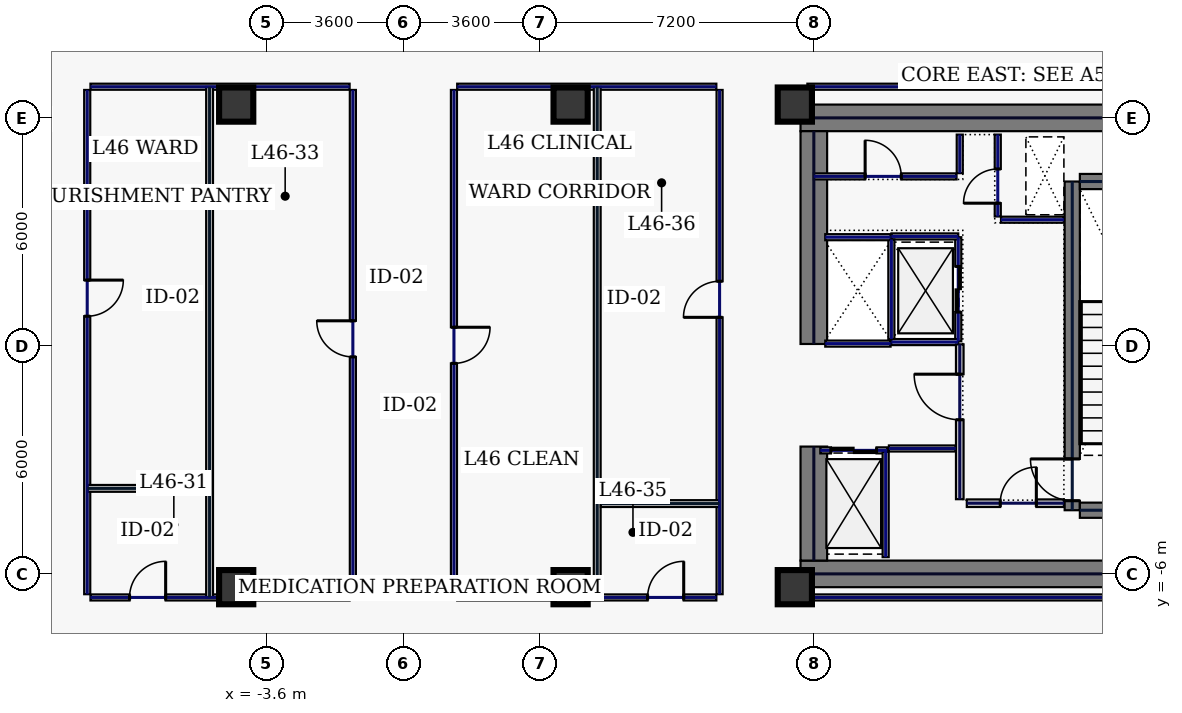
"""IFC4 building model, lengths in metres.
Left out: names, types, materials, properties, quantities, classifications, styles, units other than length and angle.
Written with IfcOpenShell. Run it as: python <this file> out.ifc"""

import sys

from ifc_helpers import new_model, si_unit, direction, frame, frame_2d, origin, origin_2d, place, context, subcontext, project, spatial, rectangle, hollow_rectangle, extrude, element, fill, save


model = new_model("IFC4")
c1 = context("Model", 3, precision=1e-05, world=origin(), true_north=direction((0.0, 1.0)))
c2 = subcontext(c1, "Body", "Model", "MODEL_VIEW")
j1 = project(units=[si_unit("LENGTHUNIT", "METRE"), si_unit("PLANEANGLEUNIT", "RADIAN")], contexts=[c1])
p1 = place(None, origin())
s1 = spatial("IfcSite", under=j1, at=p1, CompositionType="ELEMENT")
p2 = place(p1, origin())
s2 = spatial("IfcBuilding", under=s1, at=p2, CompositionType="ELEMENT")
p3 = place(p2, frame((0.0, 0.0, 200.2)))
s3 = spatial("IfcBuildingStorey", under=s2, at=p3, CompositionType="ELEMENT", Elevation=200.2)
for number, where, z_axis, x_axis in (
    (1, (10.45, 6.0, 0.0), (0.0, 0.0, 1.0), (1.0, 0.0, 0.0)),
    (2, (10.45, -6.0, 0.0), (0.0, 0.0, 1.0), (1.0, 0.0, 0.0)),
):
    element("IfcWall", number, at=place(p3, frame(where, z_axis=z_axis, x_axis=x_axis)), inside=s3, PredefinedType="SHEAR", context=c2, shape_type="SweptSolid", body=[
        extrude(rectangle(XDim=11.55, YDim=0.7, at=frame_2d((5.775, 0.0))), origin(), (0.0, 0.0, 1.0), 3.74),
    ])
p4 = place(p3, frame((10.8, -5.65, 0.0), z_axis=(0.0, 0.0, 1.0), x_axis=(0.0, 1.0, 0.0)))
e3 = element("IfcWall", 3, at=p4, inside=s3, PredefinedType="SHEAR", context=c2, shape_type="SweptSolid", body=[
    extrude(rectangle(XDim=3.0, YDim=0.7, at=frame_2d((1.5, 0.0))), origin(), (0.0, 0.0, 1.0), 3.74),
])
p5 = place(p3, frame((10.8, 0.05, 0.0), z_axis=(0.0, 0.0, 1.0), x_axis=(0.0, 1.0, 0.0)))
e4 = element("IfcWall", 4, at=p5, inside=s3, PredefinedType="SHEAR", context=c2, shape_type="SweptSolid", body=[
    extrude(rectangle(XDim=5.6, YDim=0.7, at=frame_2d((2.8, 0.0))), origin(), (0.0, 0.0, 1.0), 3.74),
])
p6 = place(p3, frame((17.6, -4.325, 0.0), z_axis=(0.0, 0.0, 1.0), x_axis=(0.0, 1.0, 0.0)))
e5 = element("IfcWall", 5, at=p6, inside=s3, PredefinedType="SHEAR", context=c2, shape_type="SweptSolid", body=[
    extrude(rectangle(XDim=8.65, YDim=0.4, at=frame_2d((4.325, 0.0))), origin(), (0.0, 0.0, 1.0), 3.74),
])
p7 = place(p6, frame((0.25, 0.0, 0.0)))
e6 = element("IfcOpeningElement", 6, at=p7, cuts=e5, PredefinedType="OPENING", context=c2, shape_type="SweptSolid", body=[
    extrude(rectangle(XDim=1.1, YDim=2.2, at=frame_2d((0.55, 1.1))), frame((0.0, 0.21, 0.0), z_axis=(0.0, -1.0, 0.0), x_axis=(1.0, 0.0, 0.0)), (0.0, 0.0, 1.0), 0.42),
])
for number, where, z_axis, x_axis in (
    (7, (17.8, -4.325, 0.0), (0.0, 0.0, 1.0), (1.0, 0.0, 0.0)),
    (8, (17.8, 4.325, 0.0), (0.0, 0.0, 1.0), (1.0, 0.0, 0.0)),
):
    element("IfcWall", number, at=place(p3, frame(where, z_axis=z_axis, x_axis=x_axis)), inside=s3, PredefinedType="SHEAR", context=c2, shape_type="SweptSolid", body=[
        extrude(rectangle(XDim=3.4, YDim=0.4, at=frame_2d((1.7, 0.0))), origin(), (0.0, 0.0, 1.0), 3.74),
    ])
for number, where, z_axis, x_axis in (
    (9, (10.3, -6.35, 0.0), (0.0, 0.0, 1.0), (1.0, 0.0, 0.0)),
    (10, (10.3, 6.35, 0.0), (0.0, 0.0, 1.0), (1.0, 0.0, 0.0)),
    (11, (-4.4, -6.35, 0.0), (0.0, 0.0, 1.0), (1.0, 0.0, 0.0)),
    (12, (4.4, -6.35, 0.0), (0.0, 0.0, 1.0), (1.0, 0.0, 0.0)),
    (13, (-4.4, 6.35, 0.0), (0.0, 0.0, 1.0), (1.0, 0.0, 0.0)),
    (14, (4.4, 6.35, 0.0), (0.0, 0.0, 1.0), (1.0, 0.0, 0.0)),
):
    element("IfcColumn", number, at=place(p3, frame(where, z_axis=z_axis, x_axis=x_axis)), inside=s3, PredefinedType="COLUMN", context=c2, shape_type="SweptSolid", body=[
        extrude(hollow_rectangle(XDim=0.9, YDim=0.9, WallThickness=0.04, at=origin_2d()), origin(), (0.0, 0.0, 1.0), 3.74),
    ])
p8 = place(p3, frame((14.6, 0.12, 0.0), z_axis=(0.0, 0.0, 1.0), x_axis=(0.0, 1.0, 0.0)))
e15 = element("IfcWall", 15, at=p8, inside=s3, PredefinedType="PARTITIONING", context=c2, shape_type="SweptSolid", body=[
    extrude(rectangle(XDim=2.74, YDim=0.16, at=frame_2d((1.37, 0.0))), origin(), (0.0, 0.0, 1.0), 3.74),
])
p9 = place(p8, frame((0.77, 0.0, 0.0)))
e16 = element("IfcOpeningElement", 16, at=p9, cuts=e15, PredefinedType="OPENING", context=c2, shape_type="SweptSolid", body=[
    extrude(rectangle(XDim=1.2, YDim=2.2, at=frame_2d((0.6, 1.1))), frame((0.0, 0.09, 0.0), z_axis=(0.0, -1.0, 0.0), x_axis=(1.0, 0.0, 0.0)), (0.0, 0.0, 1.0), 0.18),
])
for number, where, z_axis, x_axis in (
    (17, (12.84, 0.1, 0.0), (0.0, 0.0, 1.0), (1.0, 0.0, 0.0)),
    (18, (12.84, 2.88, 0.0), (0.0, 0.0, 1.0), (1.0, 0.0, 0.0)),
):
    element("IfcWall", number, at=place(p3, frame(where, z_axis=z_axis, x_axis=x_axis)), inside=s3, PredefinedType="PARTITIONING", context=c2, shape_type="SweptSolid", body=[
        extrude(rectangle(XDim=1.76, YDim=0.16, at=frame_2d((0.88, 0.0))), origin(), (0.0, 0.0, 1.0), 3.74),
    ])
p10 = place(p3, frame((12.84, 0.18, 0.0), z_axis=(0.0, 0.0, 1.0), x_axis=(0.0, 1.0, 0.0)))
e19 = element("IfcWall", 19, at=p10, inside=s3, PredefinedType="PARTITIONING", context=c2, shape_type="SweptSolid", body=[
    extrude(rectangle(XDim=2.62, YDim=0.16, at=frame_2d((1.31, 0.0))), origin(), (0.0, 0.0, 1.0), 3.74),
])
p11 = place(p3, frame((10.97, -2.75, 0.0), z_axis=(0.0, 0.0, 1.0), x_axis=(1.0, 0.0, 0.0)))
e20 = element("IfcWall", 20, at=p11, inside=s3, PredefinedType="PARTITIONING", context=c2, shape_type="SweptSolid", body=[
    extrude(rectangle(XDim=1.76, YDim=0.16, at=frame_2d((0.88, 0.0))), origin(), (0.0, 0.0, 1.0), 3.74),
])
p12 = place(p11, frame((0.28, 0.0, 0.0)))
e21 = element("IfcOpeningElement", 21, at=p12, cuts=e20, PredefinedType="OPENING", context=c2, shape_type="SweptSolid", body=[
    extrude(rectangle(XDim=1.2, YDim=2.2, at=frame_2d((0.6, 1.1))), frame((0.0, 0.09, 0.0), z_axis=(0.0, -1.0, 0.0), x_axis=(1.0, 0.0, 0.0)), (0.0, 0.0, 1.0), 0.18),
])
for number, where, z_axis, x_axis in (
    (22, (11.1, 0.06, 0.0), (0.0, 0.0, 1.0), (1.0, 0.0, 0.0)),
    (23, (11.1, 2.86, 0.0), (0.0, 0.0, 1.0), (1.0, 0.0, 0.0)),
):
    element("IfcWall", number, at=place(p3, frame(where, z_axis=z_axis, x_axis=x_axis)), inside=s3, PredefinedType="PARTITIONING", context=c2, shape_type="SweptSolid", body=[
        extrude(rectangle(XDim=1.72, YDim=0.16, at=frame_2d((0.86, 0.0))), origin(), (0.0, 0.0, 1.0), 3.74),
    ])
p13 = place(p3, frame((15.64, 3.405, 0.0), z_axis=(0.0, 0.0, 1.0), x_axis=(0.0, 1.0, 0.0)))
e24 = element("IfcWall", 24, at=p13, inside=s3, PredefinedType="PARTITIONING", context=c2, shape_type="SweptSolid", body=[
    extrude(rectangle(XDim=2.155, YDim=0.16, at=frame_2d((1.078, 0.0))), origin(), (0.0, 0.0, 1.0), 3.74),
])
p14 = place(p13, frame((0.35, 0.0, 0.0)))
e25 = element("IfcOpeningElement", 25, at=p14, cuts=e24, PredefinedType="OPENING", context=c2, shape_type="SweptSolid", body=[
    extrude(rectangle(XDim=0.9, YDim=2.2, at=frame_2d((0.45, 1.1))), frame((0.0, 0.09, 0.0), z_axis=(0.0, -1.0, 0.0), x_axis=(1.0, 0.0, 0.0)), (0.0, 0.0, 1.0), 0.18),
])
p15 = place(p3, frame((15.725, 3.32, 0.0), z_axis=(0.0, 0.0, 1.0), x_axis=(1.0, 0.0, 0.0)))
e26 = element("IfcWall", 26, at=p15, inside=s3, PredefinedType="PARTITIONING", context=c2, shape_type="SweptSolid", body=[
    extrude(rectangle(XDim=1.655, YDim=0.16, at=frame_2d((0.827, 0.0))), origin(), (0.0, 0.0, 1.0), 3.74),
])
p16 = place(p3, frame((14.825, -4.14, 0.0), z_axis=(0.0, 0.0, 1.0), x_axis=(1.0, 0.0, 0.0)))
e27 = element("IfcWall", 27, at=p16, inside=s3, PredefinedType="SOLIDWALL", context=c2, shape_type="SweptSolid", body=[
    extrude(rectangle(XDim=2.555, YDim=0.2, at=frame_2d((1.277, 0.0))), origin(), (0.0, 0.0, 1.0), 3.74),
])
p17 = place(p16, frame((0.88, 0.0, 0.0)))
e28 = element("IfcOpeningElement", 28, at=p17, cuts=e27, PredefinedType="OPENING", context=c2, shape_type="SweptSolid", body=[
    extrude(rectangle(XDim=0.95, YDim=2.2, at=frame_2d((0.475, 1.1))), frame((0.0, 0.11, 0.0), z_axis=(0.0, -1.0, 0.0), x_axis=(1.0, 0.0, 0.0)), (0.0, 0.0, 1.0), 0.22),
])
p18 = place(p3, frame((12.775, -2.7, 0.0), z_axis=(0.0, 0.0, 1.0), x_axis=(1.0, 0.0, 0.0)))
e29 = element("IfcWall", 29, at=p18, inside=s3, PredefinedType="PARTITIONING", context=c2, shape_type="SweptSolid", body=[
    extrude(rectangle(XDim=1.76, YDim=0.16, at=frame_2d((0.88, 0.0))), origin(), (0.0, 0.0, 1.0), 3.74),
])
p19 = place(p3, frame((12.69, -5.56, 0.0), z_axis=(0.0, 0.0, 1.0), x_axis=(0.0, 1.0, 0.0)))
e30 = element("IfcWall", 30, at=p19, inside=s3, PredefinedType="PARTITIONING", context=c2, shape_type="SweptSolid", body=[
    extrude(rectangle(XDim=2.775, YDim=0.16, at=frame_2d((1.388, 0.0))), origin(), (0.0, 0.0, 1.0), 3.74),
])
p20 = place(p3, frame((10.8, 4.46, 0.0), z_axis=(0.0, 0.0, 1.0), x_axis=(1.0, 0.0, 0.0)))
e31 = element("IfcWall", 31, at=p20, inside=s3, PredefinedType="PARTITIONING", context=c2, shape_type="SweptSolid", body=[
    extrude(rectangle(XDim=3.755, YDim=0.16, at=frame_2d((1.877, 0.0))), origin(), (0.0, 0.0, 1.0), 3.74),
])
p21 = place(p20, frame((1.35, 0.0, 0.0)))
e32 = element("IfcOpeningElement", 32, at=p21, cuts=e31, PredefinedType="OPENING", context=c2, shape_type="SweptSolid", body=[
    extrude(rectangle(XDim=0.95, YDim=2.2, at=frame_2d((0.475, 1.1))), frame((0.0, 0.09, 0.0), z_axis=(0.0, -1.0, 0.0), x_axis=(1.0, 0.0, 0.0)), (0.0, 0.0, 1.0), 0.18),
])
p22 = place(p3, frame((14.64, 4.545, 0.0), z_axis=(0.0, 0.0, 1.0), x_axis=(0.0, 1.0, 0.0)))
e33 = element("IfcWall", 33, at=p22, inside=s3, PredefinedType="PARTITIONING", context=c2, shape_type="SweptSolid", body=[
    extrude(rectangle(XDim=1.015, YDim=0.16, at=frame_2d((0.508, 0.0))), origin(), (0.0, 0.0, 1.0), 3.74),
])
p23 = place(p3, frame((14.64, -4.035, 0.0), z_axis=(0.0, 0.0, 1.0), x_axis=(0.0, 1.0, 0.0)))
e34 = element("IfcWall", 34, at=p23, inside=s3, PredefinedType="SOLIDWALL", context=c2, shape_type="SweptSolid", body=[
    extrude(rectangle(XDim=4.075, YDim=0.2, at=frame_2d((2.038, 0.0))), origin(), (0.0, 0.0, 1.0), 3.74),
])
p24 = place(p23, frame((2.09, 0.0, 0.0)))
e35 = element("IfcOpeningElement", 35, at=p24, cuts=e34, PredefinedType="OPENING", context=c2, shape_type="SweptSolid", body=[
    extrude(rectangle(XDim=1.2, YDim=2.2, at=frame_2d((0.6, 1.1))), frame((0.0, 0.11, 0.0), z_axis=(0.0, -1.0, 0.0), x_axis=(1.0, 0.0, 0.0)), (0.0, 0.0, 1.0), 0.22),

#### Task details:
Within the listing above, work out how many lines hold "spatial", and answer with that number only.

#### Solution:
4